• THE TASK: Retype, word for word, every line from the one holding "color=2, linetype='Continuous', lineweight=18)" through the one holding "blk = doc.blocks.new('TABLE-DINING')" in the entries below, both included, and only those lines.

Items listed in a dataset
Content starts
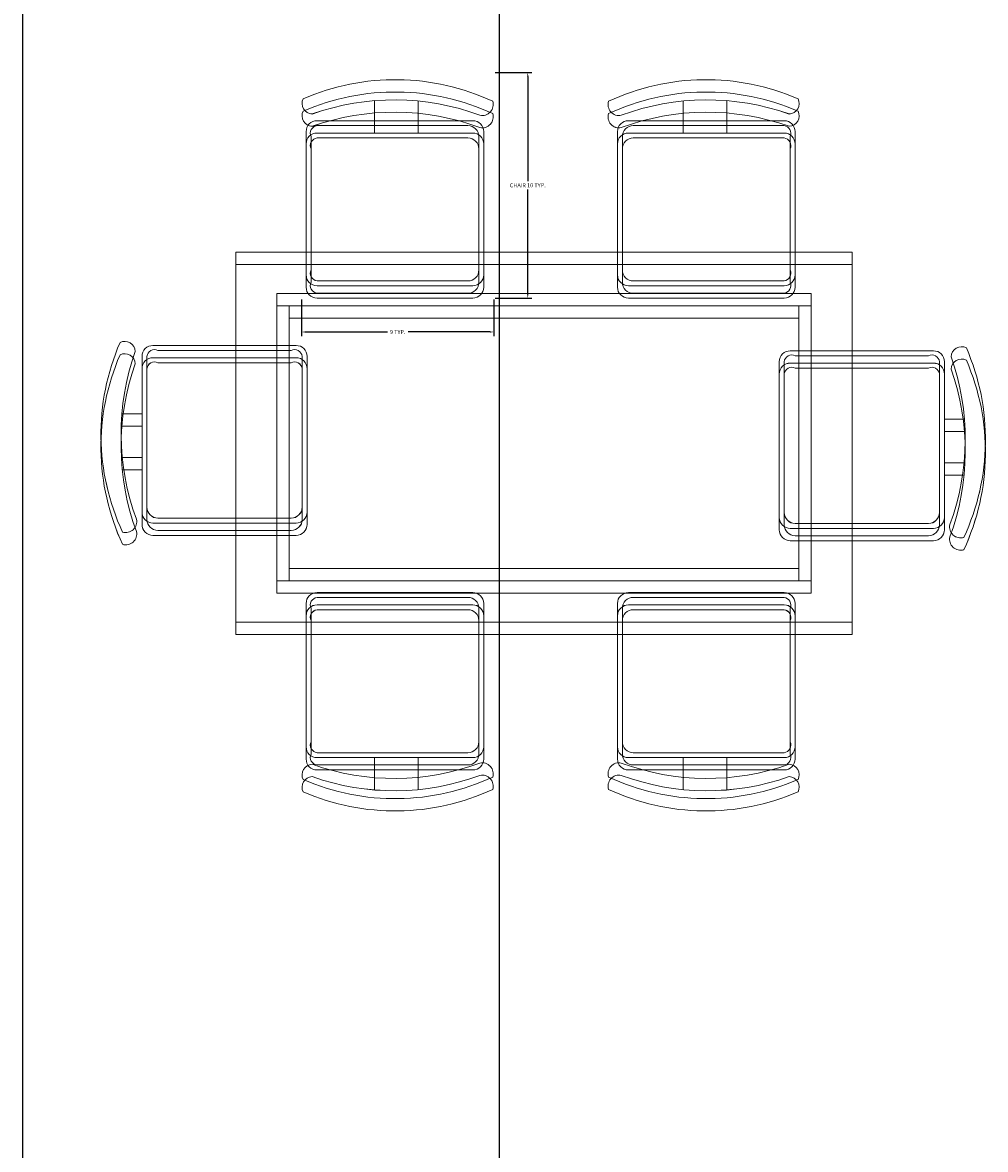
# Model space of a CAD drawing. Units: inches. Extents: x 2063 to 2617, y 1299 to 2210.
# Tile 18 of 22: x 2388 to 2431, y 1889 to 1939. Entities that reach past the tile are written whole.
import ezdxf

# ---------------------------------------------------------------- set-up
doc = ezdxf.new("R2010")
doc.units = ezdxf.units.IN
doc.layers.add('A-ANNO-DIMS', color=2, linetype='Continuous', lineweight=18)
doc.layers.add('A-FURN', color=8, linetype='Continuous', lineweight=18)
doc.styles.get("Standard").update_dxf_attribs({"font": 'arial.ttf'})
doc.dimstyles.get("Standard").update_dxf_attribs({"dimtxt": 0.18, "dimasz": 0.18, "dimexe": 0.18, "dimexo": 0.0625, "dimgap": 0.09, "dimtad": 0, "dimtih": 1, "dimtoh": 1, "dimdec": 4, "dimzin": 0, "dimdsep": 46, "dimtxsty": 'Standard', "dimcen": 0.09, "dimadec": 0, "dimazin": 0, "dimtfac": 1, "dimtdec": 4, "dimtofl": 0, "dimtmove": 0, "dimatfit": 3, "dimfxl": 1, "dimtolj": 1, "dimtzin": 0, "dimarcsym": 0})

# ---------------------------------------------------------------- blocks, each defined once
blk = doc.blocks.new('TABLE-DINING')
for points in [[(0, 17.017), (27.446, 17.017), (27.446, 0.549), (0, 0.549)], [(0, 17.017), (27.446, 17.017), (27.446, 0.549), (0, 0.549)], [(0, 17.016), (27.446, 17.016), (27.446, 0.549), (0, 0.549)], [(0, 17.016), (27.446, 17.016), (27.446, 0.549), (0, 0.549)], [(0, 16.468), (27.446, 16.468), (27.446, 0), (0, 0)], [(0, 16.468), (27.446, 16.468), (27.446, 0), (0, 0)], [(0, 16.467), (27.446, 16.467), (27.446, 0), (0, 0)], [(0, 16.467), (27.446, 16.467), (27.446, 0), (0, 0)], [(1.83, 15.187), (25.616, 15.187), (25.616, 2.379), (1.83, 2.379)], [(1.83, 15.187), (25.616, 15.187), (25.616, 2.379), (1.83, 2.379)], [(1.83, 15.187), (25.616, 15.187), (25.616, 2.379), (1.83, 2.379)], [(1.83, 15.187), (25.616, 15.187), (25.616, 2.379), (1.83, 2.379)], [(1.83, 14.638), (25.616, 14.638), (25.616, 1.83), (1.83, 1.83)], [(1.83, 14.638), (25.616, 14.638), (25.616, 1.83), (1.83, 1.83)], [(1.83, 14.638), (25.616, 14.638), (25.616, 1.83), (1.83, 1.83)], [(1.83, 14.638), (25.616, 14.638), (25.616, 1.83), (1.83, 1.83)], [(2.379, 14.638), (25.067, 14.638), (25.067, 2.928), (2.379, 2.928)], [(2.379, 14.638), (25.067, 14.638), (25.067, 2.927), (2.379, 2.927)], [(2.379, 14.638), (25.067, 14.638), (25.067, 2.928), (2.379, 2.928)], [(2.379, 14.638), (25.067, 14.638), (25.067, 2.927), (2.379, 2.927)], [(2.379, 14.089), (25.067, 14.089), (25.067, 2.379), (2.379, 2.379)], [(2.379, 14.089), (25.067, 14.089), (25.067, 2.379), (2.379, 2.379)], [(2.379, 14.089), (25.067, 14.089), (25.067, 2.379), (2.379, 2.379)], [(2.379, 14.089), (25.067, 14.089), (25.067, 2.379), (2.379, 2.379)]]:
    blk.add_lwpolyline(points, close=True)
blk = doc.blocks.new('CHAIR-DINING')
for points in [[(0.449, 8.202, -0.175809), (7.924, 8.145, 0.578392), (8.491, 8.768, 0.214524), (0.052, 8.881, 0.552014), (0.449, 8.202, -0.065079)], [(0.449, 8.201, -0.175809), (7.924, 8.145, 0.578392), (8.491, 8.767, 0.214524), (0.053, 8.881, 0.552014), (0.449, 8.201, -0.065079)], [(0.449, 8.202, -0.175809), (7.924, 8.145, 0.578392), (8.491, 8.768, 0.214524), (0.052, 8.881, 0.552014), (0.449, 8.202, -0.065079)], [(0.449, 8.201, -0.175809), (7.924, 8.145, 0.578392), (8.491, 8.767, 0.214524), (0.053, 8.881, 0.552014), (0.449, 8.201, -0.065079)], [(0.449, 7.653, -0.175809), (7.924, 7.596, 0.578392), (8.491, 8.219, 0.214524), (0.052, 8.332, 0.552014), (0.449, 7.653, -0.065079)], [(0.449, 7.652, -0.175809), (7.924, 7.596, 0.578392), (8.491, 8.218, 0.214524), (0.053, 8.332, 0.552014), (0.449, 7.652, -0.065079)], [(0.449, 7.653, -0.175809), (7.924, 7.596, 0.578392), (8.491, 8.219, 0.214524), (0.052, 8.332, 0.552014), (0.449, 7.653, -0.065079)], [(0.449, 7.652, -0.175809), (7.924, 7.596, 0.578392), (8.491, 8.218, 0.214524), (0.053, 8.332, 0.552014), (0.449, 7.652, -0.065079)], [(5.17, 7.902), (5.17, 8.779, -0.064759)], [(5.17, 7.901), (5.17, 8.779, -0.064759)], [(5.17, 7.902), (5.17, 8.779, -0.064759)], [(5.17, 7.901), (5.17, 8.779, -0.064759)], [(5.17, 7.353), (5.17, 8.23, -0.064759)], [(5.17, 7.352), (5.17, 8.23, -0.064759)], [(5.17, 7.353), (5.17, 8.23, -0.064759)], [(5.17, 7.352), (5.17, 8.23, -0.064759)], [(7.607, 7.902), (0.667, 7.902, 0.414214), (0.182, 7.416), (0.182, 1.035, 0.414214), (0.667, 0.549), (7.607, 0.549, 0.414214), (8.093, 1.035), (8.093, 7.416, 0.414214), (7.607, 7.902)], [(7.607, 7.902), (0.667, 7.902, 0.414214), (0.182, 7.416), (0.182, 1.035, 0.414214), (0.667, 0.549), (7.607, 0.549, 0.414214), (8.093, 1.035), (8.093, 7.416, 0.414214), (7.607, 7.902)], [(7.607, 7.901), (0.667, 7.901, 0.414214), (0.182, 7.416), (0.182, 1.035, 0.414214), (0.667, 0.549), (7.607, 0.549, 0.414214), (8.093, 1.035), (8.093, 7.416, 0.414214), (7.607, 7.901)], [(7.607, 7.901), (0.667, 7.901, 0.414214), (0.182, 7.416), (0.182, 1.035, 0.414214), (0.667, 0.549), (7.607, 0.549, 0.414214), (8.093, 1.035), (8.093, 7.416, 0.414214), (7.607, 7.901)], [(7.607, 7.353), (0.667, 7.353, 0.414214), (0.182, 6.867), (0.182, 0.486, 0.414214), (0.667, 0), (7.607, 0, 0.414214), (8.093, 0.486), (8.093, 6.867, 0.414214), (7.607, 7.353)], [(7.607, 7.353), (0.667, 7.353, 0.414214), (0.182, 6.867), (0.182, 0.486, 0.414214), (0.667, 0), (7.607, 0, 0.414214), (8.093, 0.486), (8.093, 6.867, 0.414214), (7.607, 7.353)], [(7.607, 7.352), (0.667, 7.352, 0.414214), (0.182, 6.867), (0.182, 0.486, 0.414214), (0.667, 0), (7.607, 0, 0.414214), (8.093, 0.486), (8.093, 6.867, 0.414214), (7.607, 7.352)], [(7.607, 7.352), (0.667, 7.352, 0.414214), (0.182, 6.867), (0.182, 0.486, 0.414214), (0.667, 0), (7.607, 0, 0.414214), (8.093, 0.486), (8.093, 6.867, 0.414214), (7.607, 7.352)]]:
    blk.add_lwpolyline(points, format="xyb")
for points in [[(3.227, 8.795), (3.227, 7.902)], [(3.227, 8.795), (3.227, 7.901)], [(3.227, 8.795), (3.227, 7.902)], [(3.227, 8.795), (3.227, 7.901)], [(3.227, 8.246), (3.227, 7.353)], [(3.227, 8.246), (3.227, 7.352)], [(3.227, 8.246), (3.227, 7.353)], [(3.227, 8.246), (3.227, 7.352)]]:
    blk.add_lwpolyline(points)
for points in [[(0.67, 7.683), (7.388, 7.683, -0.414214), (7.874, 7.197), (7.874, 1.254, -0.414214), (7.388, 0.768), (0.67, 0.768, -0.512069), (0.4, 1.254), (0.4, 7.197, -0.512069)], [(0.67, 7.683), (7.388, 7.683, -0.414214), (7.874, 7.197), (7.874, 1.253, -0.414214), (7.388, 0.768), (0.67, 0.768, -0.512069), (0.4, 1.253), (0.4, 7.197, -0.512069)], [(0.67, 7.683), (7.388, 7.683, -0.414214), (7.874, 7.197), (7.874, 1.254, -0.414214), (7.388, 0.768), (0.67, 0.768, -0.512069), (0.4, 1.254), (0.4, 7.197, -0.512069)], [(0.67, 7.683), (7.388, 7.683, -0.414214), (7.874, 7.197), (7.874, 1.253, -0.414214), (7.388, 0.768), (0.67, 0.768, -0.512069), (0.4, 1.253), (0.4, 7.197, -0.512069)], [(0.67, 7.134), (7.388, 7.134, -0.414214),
Content ends
• SOLUTION FOR THIS TASK:
doc.layers.add('A-ANNO-DIMS', color=2, linetype='Continuous', lineweight=18)
doc.layers.add('A-FURN', color=8, linetype='Continuous', lineweight=18)
doc.styles.get("Standard").update_dxf_attribs({"font": 'arial.ttf'})
doc.dimstyles.get("Standard").update_dxf_attribs({"dimtxt": 0.18, "dimasz": 0.18, "dimexe": 0.18, "dimexo": 0.0625, "dimgap": 0.09, "dimtad": 0, "dimtih": 1, "dimtoh": 1, "dimdec": 4, "dimzin": 0, "dimdsep": 46, "dimtxsty": 'Standard', "dimcen": 0.09, "dimadec": 0, "dimazin": 0, "dimtfac": 1, "dimtdec": 4, "dimtofl": 0, "dimtmove": 0, "dimatfit": 3, "dimfxl": 1, "dimtolj": 1, "dimtzin": 0, "dimarcsym": 0})

# ---------------------------------------------------------------- blocks, each defined once
blk = doc.blocks.new('TABLE-DINING')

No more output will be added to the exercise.